● **Exercise directions**:
Go over the data and keep only the lines that include "under".

=== Begin Enclosure ===

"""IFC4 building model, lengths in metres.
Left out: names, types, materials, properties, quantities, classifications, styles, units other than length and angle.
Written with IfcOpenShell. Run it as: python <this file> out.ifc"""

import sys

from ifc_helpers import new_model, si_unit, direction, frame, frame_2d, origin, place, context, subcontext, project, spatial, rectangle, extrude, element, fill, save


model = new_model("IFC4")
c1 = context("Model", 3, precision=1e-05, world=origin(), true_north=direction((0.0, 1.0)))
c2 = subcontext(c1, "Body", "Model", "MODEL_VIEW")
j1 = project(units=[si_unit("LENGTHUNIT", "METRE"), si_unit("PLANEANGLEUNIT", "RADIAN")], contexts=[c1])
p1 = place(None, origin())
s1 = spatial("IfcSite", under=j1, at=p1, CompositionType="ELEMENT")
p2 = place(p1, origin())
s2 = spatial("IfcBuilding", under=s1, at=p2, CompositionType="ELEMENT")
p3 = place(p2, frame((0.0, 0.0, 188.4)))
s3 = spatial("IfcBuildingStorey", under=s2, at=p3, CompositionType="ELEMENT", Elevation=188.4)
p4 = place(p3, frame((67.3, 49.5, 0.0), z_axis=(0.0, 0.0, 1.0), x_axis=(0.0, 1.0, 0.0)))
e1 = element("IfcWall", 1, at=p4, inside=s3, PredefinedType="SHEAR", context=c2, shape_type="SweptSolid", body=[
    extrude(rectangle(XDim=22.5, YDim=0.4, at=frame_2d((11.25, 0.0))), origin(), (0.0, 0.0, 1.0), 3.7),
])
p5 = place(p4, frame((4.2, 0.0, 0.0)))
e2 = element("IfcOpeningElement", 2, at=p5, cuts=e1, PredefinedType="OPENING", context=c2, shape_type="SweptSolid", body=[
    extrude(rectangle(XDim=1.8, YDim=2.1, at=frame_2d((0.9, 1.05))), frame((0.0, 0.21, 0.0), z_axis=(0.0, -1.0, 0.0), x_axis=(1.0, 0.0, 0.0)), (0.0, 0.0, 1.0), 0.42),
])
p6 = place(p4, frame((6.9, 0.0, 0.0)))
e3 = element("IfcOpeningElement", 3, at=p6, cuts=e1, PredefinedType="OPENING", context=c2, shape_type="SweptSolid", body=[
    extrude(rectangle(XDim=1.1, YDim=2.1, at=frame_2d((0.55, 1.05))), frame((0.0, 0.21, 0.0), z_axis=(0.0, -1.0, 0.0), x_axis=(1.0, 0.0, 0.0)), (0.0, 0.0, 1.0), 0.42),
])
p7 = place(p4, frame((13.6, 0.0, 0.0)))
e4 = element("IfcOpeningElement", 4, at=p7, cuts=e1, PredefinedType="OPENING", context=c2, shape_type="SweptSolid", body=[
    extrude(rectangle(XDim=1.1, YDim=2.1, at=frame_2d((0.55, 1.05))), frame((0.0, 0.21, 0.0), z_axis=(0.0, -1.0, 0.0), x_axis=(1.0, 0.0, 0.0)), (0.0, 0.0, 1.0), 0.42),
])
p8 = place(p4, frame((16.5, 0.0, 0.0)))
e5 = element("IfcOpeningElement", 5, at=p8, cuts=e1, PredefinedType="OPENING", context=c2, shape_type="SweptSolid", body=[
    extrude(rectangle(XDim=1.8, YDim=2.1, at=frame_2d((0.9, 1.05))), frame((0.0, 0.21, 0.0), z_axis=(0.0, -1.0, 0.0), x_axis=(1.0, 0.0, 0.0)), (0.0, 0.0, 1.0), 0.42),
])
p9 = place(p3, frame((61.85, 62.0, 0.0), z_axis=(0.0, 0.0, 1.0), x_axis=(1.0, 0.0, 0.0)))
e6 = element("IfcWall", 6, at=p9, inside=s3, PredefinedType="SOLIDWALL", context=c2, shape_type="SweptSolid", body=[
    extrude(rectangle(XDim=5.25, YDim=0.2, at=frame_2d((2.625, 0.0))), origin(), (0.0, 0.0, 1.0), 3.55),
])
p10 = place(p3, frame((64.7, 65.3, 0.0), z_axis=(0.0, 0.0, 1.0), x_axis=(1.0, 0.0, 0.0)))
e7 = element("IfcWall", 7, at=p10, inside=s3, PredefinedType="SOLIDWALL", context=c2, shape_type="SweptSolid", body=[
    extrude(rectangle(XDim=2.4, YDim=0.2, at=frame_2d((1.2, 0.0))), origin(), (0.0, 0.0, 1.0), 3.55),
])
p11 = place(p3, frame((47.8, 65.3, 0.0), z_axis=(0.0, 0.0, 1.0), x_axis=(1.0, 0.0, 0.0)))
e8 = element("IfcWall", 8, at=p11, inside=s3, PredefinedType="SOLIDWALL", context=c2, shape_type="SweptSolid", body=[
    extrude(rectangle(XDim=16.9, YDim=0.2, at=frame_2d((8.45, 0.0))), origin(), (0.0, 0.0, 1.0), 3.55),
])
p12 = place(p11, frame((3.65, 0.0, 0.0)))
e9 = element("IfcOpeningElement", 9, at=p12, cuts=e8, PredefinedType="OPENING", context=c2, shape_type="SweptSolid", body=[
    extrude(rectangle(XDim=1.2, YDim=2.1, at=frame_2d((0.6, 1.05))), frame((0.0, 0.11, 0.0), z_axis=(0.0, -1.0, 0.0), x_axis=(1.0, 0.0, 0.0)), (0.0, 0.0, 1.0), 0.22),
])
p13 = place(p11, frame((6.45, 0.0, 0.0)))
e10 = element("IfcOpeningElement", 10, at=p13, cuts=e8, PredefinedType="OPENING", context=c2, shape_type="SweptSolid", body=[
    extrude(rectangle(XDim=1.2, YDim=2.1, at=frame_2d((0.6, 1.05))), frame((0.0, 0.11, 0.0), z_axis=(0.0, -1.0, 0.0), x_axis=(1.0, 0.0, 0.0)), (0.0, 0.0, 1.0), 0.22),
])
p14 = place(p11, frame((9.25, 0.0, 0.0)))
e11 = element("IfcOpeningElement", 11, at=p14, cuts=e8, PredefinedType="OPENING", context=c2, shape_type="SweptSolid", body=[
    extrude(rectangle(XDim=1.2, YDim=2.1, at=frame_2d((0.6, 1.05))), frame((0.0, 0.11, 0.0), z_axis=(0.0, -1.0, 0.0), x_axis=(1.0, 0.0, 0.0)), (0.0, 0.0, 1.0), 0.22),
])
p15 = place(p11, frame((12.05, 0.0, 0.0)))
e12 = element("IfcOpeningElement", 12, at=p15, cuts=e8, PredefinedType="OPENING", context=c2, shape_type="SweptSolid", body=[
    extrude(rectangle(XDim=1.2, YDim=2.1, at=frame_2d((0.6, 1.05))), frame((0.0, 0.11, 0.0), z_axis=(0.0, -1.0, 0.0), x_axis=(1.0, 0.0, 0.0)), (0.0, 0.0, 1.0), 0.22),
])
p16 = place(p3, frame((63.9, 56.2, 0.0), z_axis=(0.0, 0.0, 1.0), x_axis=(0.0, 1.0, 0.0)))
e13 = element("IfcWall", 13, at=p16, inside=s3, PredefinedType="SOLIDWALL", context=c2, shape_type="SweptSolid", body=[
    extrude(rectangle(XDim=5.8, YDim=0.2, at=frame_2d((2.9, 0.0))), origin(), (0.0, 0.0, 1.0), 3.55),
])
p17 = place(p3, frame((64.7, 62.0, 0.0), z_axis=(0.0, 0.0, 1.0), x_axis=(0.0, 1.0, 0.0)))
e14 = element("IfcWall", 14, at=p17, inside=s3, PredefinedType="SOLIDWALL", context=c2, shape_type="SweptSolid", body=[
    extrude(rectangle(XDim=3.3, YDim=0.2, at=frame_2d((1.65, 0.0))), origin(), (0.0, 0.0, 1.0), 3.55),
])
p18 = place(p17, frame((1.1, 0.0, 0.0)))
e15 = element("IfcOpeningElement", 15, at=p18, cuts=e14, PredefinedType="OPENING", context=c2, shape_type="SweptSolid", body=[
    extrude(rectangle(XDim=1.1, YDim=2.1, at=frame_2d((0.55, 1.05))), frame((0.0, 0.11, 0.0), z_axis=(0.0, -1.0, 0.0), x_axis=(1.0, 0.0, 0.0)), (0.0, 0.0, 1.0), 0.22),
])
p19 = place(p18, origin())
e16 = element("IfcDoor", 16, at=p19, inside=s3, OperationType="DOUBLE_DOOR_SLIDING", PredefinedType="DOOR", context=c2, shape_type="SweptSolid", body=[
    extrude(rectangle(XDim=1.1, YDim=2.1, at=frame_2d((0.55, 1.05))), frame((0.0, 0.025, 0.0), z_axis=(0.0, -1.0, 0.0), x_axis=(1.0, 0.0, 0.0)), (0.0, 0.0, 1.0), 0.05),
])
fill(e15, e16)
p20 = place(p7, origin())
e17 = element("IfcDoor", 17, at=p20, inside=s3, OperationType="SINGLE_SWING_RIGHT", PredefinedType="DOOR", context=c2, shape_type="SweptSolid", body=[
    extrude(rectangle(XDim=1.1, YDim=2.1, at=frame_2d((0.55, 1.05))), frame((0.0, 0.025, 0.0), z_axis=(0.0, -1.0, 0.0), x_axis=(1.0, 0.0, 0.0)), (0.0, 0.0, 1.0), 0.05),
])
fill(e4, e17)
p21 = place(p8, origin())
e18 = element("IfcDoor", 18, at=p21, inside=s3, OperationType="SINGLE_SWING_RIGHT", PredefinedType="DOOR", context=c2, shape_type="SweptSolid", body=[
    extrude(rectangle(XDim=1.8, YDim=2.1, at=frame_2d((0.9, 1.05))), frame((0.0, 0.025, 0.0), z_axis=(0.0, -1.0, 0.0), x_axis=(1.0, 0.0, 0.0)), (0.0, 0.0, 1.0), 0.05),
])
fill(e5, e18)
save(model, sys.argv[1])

=== End Enclosure ===

● **Answer box**:
s1 = spatial("IfcSite", under=j1, at=p1, CompositionType="ELEMENT")
s2 = spatial("IfcBuilding", under=s1, at=p2, CompositionType="ELEMENT")
s3 = spatial("IfcBuildingStorey", under=s2, at=p3, CompositionType="ELEMENT", Elevation=188.4)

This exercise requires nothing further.